## Information supplied
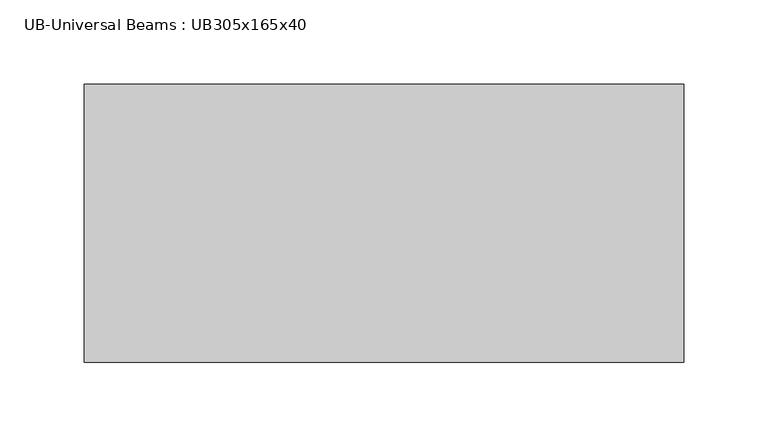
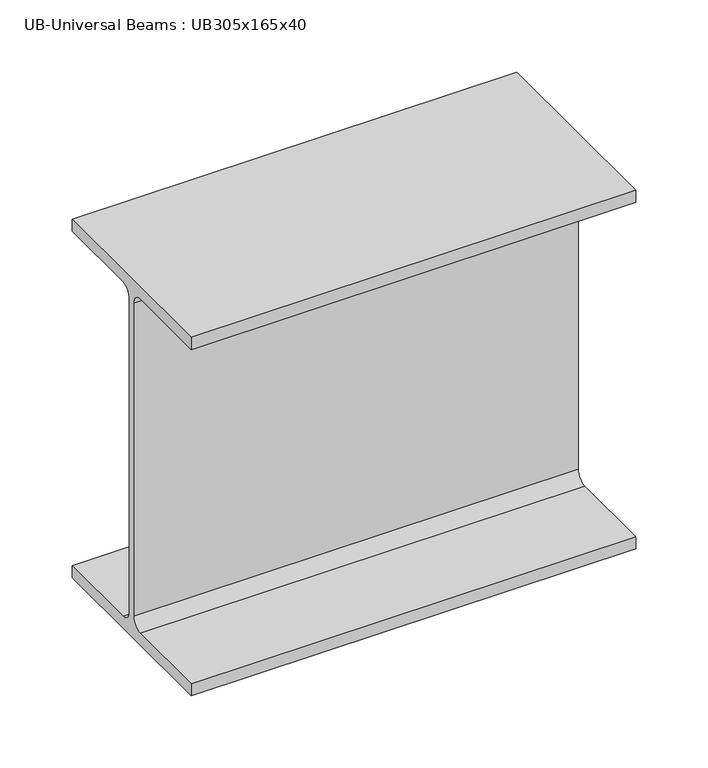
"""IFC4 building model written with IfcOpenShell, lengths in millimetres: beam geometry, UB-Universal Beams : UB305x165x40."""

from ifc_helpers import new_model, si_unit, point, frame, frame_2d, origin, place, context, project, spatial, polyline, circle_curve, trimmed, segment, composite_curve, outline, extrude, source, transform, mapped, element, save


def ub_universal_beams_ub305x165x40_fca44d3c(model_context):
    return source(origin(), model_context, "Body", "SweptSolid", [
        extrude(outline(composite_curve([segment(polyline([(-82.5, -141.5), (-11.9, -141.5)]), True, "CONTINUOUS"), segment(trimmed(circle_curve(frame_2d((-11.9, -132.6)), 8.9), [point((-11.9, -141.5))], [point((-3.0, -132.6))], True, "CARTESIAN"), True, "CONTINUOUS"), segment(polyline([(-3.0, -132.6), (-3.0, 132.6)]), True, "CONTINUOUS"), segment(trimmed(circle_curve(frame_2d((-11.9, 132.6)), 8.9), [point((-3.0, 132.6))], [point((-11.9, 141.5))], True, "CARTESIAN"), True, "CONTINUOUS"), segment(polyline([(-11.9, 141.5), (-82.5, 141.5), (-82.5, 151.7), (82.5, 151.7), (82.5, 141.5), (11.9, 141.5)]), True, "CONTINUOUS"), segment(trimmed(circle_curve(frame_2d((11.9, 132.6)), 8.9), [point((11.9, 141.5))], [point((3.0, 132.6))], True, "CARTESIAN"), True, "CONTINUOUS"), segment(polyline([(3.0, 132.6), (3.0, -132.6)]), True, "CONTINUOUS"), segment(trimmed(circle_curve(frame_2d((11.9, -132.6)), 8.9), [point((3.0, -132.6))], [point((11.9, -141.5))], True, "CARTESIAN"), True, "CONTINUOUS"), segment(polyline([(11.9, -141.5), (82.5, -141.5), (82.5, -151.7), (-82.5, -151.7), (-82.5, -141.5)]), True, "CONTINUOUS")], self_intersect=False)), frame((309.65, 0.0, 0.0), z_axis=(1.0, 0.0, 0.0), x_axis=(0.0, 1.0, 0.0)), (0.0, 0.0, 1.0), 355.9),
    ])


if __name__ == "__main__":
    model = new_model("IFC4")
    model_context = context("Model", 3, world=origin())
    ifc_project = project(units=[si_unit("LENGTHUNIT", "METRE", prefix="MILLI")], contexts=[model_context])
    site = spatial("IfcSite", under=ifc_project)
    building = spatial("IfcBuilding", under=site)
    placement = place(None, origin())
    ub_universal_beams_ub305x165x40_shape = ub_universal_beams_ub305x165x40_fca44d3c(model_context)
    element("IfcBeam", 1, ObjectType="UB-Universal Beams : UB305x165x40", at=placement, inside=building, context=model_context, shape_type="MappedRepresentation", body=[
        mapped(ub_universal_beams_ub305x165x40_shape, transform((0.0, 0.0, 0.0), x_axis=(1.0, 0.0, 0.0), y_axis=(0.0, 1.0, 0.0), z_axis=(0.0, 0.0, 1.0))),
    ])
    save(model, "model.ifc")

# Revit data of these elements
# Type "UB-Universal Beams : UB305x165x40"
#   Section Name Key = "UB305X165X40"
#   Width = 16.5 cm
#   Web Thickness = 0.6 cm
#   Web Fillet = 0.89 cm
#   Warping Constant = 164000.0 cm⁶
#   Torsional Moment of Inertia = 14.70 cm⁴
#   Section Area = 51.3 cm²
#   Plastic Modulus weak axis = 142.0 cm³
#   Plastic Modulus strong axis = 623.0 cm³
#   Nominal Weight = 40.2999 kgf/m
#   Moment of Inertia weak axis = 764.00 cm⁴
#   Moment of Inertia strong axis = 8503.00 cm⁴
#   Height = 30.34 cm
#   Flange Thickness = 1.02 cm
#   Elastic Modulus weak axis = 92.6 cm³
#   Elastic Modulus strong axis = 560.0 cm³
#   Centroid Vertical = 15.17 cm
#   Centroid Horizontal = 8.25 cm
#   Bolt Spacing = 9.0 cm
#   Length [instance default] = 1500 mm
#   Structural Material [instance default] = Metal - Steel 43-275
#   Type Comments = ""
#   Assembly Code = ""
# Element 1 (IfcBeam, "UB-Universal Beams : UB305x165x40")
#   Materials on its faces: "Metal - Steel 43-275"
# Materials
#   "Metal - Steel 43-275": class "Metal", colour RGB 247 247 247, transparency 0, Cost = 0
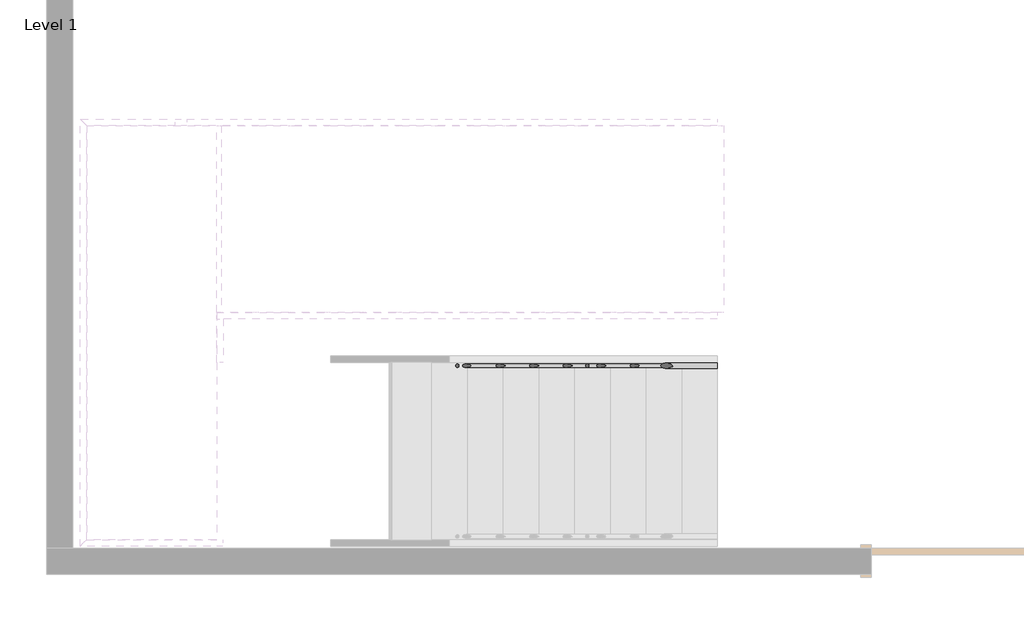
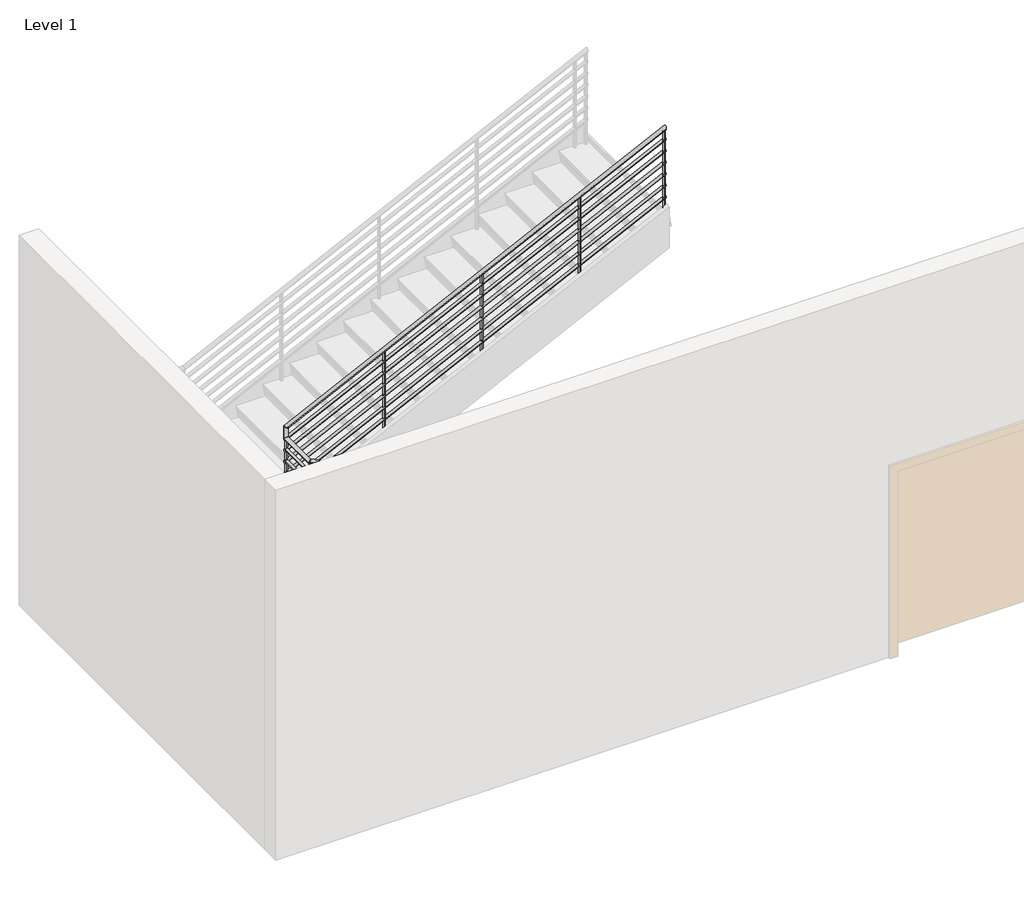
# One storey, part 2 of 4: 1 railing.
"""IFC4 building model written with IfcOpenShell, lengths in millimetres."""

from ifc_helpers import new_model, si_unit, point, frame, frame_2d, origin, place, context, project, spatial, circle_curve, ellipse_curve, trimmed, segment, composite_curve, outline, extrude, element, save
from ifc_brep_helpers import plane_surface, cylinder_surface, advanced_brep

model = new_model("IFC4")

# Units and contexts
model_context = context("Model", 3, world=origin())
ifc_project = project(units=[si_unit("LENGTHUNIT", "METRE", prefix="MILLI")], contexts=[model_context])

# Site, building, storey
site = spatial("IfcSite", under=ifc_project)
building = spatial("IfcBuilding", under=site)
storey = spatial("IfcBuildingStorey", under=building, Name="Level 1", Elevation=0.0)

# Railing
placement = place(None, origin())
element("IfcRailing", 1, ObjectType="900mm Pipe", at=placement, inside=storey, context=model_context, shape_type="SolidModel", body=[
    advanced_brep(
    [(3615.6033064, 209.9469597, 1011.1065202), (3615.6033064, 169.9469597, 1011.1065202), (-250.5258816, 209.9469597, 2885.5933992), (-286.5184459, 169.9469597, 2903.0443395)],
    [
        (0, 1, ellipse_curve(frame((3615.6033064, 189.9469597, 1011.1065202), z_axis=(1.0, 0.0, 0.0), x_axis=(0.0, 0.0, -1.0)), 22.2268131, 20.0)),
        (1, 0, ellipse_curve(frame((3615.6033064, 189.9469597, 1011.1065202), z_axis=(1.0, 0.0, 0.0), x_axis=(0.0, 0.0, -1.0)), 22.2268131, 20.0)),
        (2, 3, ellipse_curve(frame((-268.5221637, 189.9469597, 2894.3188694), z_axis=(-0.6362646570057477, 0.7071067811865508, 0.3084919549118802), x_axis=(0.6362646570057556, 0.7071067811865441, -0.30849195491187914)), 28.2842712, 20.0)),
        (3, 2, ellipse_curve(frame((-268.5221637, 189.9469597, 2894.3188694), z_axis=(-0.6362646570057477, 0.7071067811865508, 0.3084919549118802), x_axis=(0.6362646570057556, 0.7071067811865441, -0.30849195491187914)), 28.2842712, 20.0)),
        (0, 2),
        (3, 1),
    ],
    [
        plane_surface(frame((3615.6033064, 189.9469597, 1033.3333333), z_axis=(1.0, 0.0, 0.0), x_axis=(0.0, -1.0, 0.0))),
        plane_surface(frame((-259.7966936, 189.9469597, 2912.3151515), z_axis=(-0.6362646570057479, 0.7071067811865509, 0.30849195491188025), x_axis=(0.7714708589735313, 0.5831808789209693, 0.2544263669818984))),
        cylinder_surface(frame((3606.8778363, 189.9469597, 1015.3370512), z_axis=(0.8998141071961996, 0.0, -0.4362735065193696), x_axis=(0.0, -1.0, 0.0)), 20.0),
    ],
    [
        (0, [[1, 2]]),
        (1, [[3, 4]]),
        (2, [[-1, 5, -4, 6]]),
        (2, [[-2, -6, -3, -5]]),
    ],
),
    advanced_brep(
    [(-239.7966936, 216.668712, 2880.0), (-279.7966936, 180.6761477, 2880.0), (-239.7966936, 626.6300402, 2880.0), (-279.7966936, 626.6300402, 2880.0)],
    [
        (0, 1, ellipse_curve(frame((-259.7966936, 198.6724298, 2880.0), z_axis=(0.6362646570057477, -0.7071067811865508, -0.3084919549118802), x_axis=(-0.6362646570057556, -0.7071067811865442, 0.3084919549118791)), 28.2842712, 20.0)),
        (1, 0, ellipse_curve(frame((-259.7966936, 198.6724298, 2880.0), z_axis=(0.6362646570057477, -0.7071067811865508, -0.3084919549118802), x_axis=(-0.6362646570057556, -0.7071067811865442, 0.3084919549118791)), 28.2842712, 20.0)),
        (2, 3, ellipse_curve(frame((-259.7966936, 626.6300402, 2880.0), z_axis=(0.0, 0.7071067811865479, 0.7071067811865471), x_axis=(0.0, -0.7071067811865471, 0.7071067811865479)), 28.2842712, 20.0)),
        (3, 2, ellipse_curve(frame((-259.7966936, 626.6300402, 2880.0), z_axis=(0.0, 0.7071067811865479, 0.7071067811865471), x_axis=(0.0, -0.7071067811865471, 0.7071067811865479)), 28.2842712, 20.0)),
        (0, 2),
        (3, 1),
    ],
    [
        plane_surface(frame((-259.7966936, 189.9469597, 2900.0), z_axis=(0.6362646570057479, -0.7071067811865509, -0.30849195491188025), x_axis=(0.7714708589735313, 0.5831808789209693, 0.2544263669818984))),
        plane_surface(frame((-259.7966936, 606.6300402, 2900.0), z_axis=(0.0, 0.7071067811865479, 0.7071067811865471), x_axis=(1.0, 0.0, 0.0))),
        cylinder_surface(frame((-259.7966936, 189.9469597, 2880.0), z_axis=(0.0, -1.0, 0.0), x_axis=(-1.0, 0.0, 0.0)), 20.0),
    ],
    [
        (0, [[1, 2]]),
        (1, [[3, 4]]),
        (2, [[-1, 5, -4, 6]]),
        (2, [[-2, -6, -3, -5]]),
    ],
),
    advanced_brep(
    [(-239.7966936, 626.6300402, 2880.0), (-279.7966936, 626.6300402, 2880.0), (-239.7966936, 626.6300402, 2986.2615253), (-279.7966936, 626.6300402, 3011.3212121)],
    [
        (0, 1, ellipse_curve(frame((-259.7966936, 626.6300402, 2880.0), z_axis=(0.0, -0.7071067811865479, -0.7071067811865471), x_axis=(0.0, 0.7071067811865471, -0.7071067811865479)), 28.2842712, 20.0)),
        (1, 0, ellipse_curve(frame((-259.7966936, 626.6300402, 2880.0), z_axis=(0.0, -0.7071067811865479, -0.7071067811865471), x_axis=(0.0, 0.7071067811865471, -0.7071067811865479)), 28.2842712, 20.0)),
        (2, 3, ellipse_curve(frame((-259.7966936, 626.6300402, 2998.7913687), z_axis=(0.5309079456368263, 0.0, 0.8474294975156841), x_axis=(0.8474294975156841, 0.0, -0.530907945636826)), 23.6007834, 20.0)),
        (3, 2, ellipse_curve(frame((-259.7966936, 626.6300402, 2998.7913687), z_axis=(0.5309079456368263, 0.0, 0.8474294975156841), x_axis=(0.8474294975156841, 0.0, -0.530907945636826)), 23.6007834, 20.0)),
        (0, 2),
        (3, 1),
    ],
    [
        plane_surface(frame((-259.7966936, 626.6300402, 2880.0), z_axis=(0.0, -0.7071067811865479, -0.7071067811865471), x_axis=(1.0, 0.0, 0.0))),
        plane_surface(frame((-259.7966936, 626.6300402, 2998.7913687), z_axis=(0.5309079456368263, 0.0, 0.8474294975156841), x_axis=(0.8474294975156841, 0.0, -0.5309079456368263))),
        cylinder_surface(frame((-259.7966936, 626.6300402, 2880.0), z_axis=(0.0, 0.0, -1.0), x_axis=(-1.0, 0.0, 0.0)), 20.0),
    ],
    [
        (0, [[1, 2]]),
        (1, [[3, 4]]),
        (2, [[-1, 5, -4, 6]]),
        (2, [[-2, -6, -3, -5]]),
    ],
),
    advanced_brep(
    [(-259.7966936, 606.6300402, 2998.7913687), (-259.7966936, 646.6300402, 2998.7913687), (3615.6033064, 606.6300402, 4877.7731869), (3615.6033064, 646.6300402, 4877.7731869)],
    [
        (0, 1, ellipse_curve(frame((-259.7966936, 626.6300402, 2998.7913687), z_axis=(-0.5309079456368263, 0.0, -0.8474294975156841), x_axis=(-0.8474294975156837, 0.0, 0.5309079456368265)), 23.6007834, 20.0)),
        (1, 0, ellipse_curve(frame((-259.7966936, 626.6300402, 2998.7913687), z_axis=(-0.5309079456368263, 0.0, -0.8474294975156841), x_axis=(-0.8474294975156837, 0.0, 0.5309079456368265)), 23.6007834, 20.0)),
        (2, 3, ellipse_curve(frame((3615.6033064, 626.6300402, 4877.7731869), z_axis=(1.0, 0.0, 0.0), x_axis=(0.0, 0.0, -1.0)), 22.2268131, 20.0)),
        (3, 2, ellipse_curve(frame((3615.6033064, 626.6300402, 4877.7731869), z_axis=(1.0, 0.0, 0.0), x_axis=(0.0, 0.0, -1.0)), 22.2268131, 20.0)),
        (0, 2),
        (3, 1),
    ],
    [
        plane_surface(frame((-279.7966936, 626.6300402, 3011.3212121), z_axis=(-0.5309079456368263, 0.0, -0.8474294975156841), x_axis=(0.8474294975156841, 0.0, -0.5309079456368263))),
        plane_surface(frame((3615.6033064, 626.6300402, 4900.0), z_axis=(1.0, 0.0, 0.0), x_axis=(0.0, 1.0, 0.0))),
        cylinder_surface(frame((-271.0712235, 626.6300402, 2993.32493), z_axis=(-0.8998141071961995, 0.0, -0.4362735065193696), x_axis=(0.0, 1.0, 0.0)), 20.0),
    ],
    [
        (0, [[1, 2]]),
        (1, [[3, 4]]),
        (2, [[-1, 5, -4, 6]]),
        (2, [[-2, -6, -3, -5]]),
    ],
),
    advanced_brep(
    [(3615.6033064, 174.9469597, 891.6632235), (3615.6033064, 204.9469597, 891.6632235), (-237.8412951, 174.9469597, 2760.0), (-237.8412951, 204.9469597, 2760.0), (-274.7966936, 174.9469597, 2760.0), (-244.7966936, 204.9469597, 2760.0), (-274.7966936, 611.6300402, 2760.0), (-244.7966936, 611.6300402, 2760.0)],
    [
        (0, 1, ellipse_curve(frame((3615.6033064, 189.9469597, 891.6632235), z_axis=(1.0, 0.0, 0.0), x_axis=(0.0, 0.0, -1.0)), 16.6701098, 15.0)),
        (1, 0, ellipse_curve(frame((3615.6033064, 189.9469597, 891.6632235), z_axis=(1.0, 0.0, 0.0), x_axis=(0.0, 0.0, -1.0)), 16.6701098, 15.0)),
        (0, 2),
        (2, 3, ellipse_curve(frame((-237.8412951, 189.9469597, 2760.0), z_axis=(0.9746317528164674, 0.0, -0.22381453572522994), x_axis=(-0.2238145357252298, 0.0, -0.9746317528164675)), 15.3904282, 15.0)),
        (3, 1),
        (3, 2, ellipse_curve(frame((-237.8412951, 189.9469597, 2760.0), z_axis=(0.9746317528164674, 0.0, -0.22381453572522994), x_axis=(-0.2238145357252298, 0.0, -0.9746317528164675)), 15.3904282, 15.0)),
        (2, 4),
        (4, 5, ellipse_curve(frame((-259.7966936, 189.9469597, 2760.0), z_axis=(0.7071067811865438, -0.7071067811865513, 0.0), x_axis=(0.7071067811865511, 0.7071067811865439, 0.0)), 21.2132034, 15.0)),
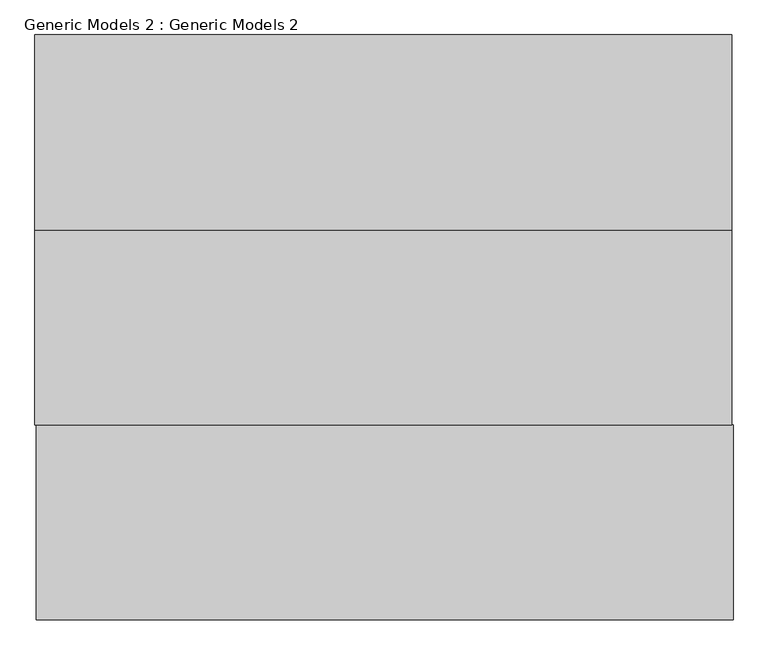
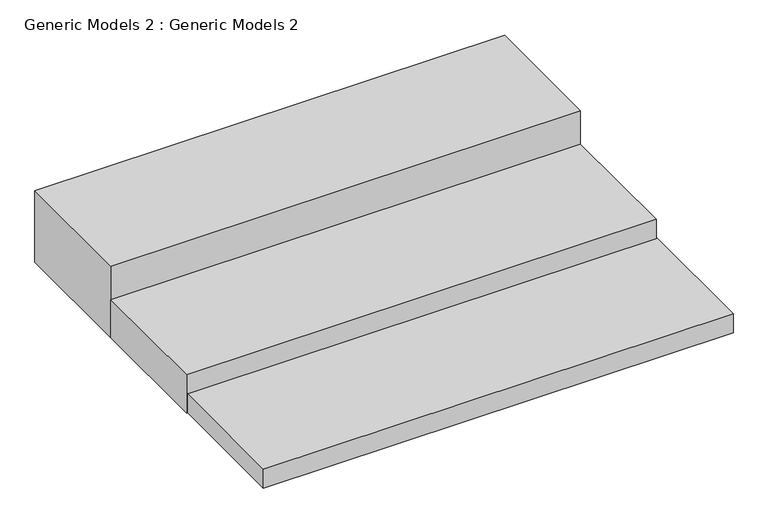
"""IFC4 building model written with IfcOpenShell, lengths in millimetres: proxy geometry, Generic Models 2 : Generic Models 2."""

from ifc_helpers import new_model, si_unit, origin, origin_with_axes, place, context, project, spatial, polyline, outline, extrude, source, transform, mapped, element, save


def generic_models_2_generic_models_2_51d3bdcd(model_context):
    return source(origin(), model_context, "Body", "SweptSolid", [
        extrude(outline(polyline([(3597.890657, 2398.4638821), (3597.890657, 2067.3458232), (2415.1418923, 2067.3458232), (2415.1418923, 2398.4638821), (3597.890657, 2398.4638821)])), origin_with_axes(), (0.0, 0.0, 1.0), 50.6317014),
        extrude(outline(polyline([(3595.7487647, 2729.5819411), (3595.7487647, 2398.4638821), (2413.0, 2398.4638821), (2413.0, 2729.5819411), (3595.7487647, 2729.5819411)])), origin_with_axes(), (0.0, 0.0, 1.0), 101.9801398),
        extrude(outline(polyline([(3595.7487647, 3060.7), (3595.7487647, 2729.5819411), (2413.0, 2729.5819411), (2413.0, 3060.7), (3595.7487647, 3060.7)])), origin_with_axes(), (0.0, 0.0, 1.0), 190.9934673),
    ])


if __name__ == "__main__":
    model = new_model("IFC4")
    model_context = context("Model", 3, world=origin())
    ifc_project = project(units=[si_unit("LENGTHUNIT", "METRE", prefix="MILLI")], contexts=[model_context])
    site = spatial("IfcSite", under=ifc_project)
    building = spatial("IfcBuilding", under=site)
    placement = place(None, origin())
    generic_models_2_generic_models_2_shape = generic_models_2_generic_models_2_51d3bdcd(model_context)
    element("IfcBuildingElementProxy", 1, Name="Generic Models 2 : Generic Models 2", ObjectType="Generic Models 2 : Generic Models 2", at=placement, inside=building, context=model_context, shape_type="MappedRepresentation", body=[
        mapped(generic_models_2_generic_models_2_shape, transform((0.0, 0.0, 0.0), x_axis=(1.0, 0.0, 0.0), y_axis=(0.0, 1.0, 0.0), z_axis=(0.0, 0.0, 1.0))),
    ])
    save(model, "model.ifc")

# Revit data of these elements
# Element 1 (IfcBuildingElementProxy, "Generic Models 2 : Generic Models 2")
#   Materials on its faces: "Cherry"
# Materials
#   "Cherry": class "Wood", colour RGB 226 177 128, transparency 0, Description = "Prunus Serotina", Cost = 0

## Task directions
In the listing, how many lines carry the string "Section"? Answer with a number only.

## Worked solution
2